> _WHAT IS EXPECTED_: Only lines holding "subcontext" are needed; copy each of them from the data below.

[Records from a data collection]
====

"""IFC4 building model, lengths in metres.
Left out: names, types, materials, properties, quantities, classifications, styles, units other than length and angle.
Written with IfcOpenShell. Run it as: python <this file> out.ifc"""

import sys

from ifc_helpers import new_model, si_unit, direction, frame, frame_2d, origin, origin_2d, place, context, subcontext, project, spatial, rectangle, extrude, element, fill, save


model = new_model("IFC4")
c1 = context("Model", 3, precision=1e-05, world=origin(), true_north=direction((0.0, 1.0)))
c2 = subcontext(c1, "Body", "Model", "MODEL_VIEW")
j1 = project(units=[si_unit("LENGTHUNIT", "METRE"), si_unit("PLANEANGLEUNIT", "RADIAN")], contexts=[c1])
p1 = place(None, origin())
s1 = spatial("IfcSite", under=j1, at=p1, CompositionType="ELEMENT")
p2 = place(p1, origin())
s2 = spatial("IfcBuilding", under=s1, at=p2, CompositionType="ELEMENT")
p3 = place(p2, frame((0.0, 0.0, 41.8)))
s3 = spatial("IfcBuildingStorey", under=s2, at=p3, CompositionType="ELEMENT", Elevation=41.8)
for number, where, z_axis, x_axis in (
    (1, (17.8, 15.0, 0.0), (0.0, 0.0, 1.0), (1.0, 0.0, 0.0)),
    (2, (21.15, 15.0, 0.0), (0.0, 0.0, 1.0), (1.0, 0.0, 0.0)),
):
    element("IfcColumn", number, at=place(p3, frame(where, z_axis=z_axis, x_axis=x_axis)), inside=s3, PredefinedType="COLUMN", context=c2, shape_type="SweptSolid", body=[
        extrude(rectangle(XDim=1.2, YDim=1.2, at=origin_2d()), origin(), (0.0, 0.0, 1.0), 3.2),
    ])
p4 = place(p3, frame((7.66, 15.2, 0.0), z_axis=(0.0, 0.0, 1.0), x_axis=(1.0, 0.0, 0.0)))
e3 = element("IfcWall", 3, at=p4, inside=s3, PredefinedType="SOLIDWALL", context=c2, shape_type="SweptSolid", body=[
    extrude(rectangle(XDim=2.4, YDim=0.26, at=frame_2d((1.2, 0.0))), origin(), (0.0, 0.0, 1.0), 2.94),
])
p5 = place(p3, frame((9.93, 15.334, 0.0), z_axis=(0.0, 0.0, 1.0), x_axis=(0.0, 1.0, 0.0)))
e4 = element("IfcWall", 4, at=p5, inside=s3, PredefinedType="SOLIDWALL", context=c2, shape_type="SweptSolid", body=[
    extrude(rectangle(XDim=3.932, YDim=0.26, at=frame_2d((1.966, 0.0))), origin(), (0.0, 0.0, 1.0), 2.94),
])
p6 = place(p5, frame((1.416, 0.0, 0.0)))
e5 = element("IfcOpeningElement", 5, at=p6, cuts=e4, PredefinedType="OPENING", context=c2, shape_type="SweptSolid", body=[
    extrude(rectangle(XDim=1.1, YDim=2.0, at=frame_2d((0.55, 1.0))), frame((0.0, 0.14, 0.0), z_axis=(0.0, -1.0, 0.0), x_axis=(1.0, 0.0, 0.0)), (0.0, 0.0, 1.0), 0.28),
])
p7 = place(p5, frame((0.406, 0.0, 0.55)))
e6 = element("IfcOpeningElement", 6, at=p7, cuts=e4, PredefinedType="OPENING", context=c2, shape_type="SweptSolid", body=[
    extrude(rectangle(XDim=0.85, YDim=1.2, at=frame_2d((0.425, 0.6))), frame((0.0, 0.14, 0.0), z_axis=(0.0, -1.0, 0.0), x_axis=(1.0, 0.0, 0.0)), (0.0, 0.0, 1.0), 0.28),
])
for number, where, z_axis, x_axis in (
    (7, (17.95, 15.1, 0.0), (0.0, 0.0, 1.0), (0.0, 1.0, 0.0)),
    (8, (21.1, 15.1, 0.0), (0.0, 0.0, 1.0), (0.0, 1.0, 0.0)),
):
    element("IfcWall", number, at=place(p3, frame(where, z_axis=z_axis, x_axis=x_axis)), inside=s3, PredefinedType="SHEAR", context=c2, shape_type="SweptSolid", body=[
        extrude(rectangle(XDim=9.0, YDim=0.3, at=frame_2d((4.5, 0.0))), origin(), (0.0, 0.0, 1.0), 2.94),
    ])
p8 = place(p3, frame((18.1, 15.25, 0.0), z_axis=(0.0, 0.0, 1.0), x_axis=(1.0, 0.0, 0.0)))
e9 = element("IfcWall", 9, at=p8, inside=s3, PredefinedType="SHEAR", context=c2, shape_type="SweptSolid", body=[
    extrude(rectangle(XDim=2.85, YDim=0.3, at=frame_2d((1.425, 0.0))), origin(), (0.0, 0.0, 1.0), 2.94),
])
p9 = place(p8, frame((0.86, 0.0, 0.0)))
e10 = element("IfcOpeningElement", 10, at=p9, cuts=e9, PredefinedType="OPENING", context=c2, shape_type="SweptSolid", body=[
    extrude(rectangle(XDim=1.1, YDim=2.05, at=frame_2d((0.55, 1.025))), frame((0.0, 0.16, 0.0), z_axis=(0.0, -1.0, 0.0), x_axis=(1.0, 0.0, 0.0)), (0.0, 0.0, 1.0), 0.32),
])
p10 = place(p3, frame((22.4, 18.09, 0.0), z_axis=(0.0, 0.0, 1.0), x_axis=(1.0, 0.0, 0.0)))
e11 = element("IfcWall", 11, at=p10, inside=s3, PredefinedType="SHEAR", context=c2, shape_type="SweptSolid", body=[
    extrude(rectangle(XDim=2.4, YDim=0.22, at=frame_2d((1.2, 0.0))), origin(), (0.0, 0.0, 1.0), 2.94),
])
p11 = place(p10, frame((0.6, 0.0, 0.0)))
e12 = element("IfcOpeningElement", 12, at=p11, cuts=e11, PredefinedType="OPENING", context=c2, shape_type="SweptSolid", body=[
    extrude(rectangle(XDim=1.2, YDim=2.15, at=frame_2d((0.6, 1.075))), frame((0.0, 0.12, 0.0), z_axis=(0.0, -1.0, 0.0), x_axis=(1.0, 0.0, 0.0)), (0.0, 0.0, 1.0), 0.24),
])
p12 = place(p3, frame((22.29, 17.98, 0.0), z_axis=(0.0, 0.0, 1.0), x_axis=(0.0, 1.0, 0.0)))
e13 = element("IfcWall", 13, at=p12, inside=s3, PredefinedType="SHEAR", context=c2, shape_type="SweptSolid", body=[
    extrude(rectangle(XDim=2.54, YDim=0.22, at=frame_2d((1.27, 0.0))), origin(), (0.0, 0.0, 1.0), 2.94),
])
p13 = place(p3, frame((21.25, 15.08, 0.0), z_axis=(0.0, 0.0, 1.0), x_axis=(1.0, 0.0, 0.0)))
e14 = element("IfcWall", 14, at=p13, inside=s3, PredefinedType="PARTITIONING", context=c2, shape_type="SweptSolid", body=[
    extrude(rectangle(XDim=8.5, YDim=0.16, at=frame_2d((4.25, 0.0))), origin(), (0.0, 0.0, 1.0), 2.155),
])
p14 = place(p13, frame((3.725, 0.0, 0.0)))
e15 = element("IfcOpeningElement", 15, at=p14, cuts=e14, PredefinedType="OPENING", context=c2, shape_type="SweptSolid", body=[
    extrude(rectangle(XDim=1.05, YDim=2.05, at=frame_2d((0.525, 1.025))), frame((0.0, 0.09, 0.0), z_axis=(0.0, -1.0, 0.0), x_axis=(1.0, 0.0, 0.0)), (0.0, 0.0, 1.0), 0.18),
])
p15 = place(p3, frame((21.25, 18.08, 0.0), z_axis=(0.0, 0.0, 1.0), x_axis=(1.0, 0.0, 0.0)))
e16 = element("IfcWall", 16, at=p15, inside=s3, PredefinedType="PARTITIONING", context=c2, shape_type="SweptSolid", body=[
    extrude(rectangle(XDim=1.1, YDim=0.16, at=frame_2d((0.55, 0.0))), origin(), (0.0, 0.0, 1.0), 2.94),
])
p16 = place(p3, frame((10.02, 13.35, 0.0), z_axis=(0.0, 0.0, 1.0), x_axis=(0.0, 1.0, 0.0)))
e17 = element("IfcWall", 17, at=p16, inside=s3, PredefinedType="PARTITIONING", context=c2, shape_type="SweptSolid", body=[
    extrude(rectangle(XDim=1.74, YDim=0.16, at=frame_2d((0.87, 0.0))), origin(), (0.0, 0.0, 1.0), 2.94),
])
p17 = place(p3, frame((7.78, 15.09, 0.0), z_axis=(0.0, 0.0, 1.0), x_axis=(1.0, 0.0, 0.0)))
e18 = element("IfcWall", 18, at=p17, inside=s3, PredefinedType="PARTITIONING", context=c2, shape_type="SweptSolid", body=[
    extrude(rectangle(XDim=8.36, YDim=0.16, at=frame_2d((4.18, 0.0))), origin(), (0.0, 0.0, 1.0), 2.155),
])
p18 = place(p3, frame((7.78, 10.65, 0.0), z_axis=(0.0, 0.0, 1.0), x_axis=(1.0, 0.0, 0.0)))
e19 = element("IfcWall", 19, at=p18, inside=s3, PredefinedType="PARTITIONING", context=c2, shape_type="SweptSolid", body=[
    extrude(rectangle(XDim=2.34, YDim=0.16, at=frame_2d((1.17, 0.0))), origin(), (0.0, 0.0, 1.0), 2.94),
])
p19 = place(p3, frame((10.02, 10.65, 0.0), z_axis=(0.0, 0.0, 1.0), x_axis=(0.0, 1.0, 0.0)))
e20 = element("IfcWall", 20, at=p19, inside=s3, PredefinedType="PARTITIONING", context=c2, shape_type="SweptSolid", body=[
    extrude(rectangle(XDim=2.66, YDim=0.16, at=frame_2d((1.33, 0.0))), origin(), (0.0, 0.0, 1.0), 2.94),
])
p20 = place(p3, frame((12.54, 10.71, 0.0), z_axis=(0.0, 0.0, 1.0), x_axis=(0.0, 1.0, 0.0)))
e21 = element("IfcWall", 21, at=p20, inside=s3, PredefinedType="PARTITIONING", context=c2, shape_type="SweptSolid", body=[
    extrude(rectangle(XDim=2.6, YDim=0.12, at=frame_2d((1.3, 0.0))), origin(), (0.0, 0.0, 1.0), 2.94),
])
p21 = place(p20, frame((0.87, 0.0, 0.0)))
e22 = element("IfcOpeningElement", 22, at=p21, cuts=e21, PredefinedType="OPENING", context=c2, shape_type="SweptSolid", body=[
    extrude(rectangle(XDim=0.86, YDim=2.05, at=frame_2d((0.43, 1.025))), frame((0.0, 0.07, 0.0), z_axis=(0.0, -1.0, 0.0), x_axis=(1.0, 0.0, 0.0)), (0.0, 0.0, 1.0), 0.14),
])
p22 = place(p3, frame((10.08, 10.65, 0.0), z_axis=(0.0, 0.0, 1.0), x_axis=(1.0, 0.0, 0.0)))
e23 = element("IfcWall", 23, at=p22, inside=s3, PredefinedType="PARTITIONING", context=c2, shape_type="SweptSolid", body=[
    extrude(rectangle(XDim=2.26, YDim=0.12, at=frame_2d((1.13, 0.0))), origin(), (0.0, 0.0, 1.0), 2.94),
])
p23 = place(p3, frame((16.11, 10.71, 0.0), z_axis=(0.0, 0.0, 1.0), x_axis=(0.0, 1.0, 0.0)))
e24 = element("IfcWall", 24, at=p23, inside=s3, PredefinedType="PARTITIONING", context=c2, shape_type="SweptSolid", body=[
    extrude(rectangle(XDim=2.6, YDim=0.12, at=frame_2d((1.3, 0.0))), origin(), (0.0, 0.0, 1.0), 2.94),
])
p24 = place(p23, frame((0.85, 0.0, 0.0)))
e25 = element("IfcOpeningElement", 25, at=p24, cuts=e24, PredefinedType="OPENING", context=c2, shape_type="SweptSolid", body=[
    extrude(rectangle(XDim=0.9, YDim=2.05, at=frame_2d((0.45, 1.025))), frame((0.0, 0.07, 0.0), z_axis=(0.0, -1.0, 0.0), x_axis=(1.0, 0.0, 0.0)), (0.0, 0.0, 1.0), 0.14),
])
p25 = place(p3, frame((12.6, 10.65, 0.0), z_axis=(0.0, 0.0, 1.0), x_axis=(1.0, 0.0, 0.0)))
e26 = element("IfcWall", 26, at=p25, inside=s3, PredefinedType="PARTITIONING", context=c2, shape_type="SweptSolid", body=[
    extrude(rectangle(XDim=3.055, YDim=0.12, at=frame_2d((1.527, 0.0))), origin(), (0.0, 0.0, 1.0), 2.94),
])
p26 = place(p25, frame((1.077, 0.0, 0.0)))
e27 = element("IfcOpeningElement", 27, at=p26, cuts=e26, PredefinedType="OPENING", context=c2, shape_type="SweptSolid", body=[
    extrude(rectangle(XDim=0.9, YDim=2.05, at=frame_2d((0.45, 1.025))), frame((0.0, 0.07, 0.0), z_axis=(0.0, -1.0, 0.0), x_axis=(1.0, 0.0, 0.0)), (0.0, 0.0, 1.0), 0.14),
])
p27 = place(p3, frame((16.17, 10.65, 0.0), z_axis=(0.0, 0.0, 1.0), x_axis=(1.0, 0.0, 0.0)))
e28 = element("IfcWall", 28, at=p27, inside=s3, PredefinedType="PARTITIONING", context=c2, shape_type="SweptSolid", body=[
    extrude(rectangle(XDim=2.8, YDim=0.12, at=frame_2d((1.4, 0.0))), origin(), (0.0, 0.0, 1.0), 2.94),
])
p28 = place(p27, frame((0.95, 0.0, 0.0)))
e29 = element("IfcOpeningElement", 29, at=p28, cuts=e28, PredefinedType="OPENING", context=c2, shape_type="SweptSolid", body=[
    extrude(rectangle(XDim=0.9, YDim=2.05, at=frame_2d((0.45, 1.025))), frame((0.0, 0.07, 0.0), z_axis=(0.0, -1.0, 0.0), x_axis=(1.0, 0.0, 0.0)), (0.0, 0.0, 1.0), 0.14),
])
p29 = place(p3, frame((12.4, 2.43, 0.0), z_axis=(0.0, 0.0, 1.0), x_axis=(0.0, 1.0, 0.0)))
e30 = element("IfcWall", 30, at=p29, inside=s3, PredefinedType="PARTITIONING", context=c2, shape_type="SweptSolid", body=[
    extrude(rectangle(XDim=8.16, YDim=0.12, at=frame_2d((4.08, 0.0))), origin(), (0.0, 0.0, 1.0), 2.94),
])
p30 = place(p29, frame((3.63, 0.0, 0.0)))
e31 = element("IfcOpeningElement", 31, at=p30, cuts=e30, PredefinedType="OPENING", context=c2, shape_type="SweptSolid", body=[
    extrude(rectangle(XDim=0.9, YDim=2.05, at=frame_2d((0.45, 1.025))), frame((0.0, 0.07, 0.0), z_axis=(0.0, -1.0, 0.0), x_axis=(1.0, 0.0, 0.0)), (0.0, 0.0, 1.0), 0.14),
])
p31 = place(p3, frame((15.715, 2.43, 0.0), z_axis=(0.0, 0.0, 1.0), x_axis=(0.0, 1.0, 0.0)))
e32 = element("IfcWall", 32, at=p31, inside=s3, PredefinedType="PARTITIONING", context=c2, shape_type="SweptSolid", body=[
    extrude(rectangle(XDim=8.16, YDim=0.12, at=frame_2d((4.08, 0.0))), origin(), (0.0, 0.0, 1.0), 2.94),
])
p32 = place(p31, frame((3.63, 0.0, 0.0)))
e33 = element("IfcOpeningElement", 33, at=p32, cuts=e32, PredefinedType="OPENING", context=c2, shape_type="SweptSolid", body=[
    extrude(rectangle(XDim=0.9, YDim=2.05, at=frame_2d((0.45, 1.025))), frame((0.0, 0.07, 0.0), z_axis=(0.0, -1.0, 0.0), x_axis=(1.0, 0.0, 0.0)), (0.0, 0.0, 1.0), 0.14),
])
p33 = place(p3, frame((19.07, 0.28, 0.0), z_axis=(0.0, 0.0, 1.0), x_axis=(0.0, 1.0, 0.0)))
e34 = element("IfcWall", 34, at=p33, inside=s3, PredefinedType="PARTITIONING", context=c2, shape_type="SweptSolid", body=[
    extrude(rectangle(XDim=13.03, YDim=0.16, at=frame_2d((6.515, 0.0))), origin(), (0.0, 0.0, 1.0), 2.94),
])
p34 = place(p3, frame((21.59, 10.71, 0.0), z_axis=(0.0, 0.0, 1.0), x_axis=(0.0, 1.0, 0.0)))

====

> _EXERCISE OUTPUT_:
from ifc_helpers import new_model, si_unit, direction, frame, frame_2d, origin, origin_2d, place, context, subcontext, project, spatial, rectangle, extrude, element, fill, save
c2 = subcontext(c1, "Body", "Model", "MODEL_VIEW")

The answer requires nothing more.